[Start of Attachment]
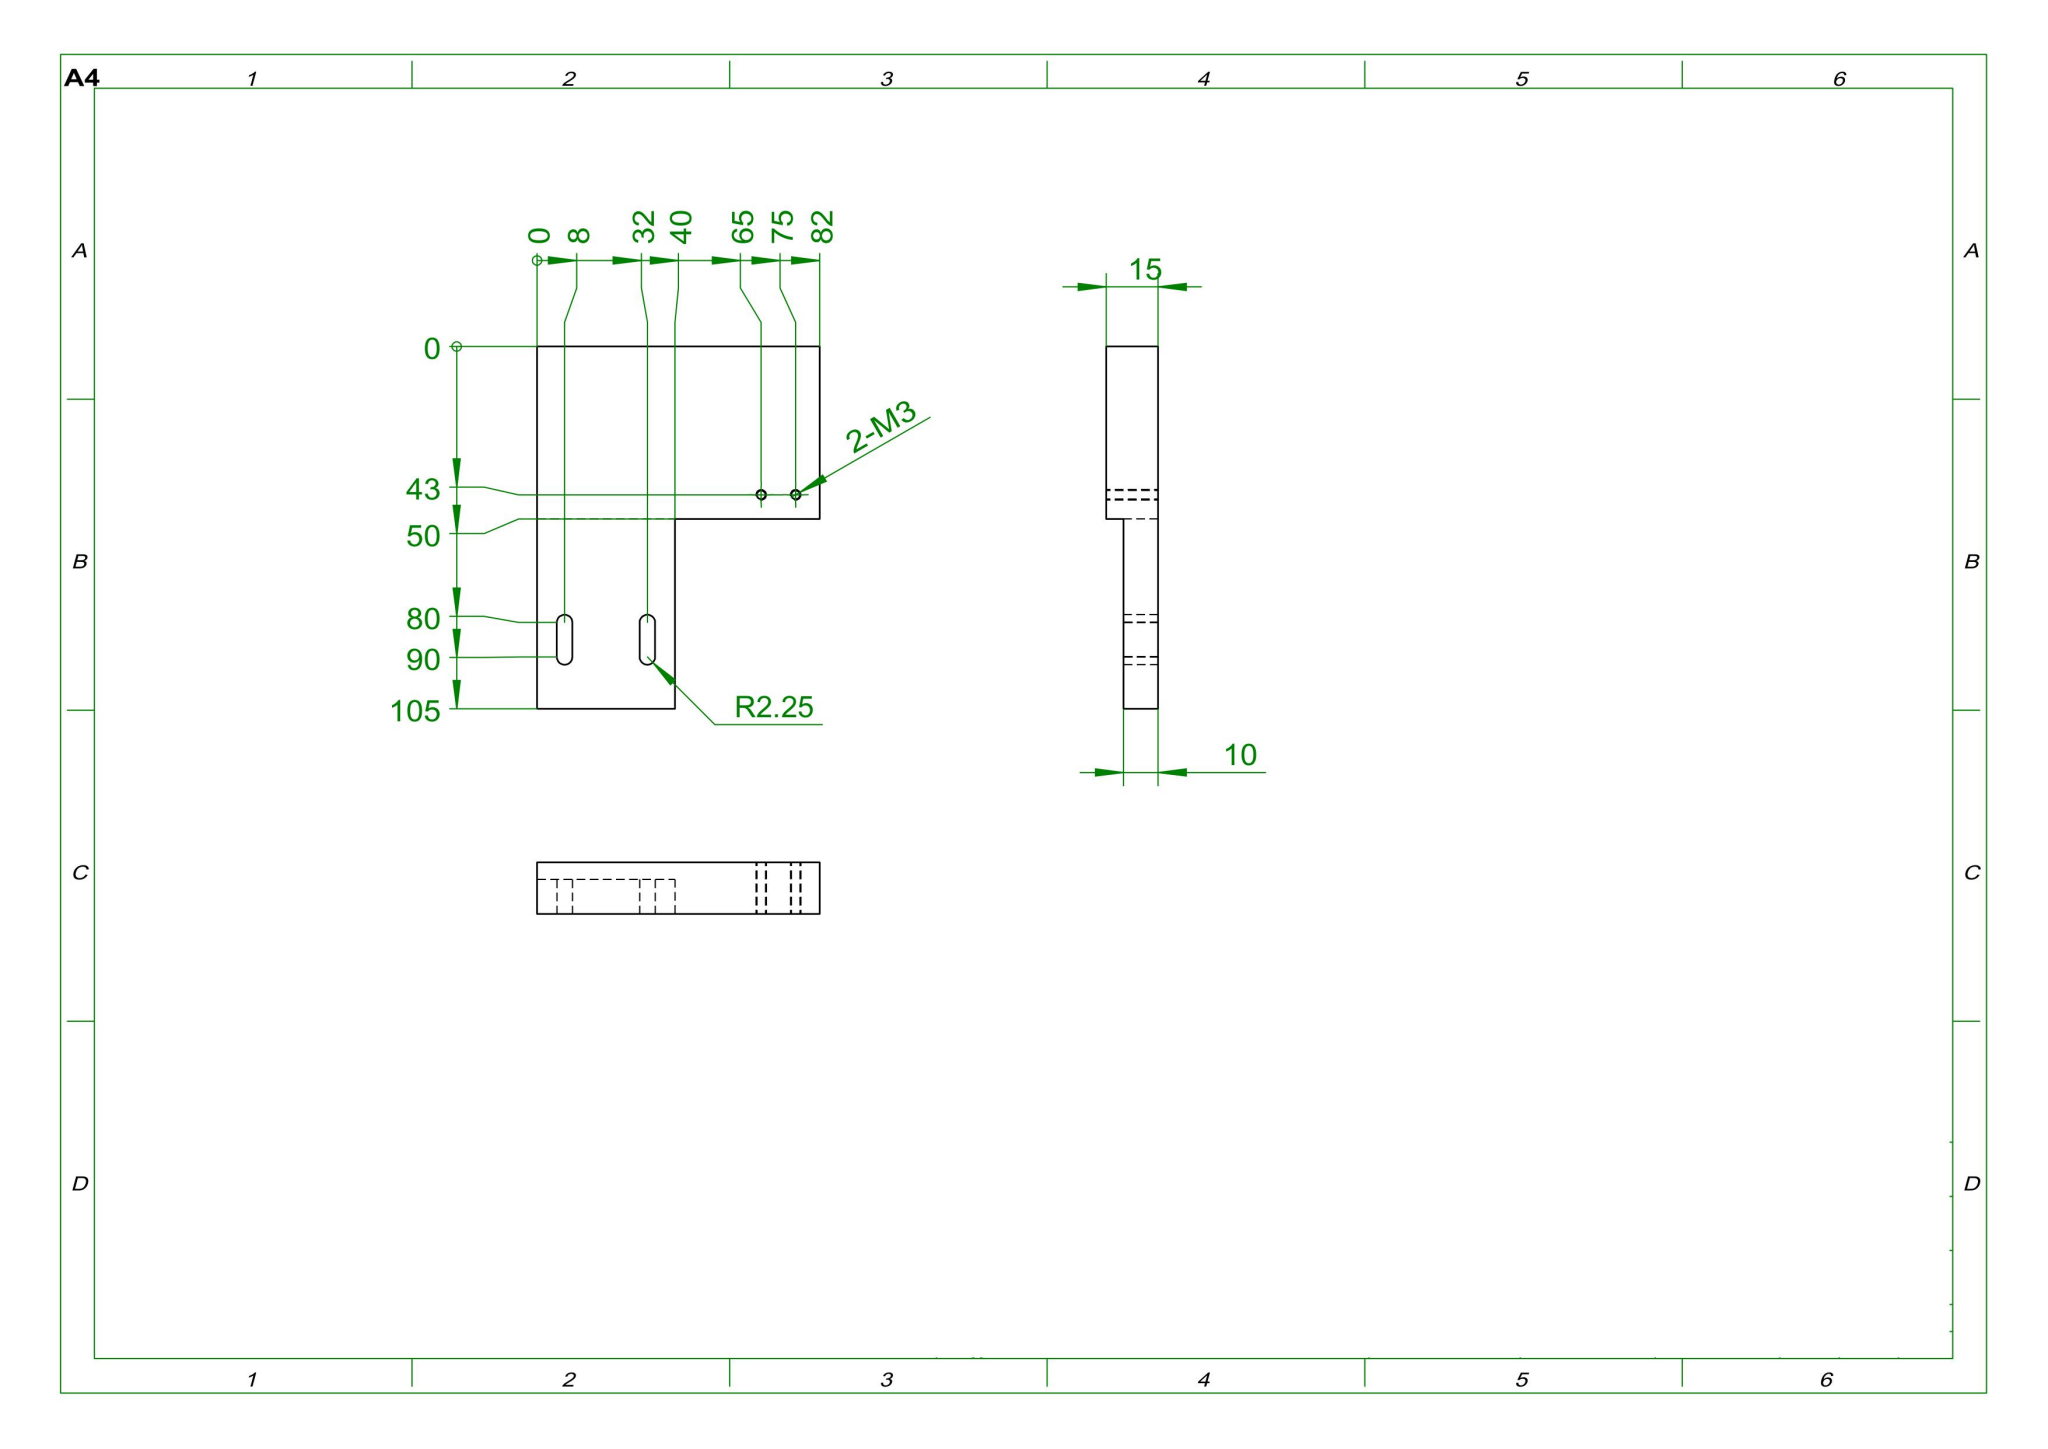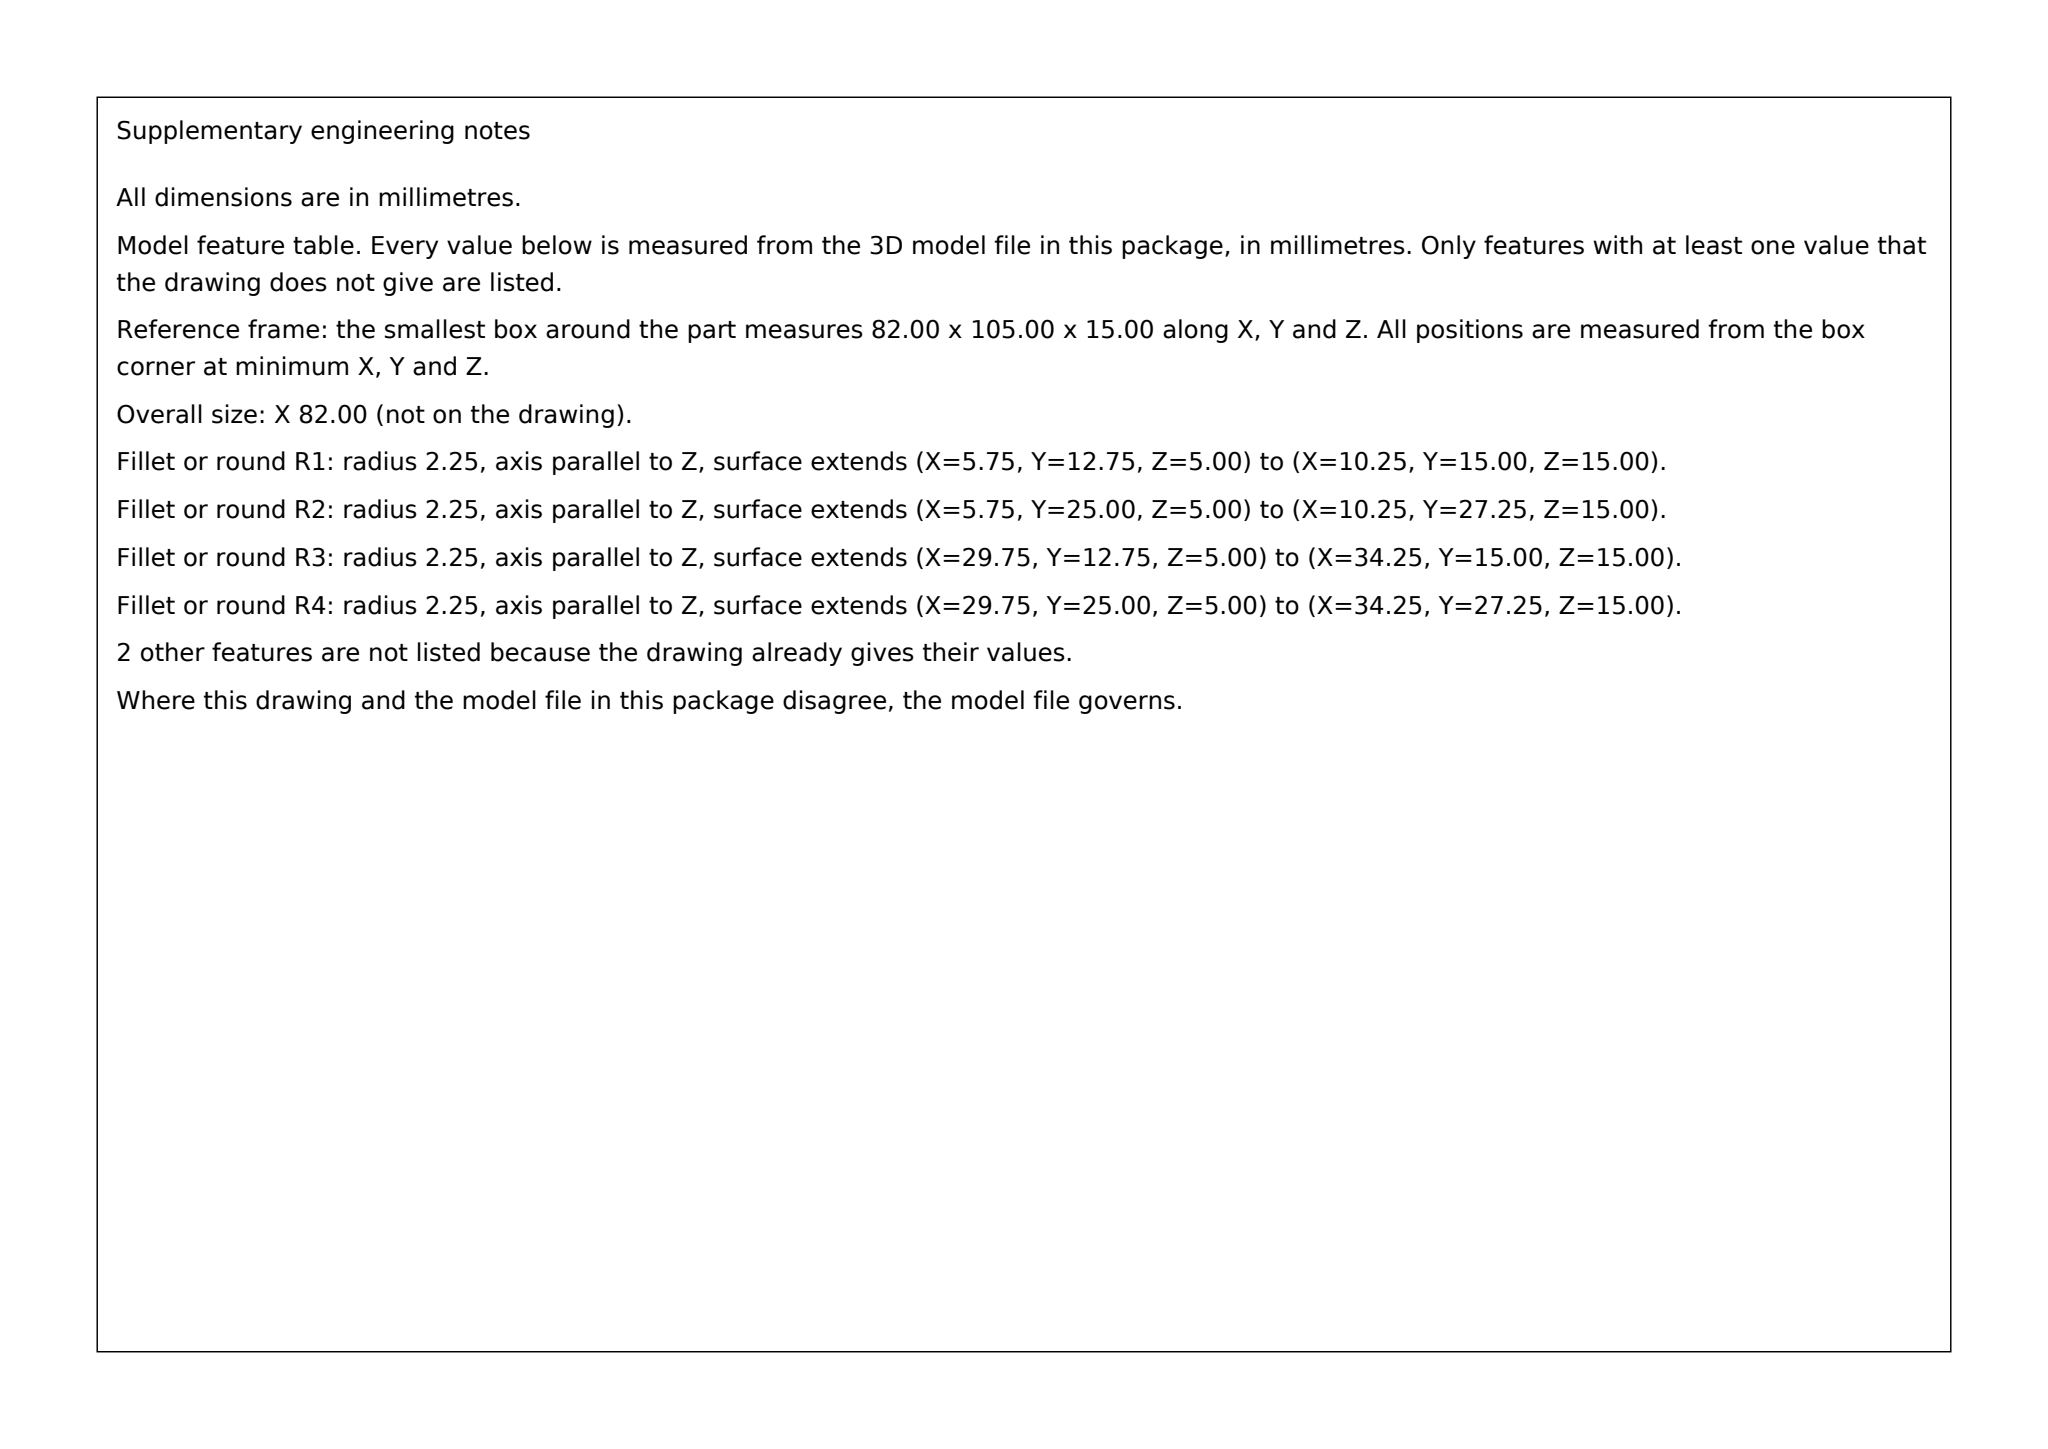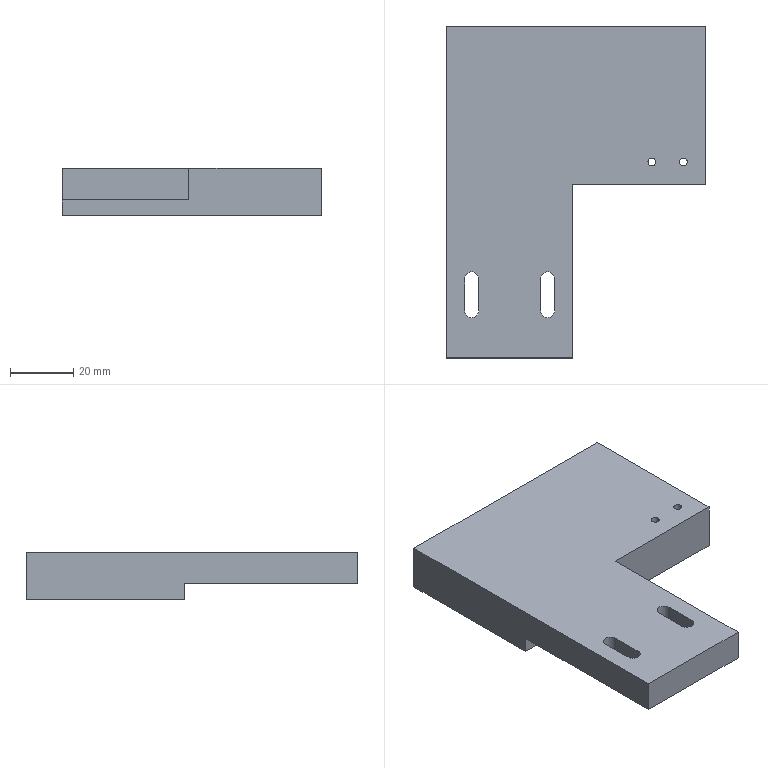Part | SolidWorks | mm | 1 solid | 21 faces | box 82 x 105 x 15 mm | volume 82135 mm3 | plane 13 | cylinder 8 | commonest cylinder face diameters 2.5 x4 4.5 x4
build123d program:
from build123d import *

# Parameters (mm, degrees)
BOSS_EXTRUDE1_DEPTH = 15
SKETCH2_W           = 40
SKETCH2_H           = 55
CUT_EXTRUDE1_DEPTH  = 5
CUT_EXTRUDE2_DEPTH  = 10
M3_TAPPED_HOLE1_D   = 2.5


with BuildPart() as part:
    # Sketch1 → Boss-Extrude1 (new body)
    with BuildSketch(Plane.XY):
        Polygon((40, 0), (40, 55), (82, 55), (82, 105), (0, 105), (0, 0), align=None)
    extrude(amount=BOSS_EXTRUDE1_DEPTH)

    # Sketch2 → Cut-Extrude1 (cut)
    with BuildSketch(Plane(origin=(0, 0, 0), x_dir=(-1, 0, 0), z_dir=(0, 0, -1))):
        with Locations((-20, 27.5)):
[End of Attachment]
- _PROBLEM DETAILS_:
Omit every picture, then write out the entries above exactly.

- _WRITTEN SOLUTION_:
Part | SolidWorks | mm | 1 solid | 21 faces | box 82 x 105 x 15 mm | volume 82135 mm3 | plane 13 | cylinder 8 | commonest cylinder face diameters 2.5 x4 4.5 x4
build123d program:
from build123d import *

# Parameters (mm, degrees)
BOSS_EXTRUDE1_DEPTH = 15
SKETCH2_W           = 40
SKETCH2_H           = 55
CUT_EXTRUDE1_DEPTH  = 5
CUT_EXTRUDE2_DEPTH  = 10
M3_TAPPED_HOLE1_D   = 2.5


with BuildPart() as part:
    # Sketch1 → Boss-Extrude1 (new body)
    with BuildSketch(Plane.XY):
        Polygon((40, 0), (40, 55), (82, 55), (82, 105), (0, 105), (0, 0), align=None)
    extrude(amount=BOSS_EXTRUDE1_DEPTH)

    # Sketch2 → Cut-Extrude1 (cut)
    with BuildSketch(Plane(origin=(0, 0, 0), x_dir=(-1, 0, 0), z_dir=(0, 0, -1))):
        with Locations((-20, 27.5)):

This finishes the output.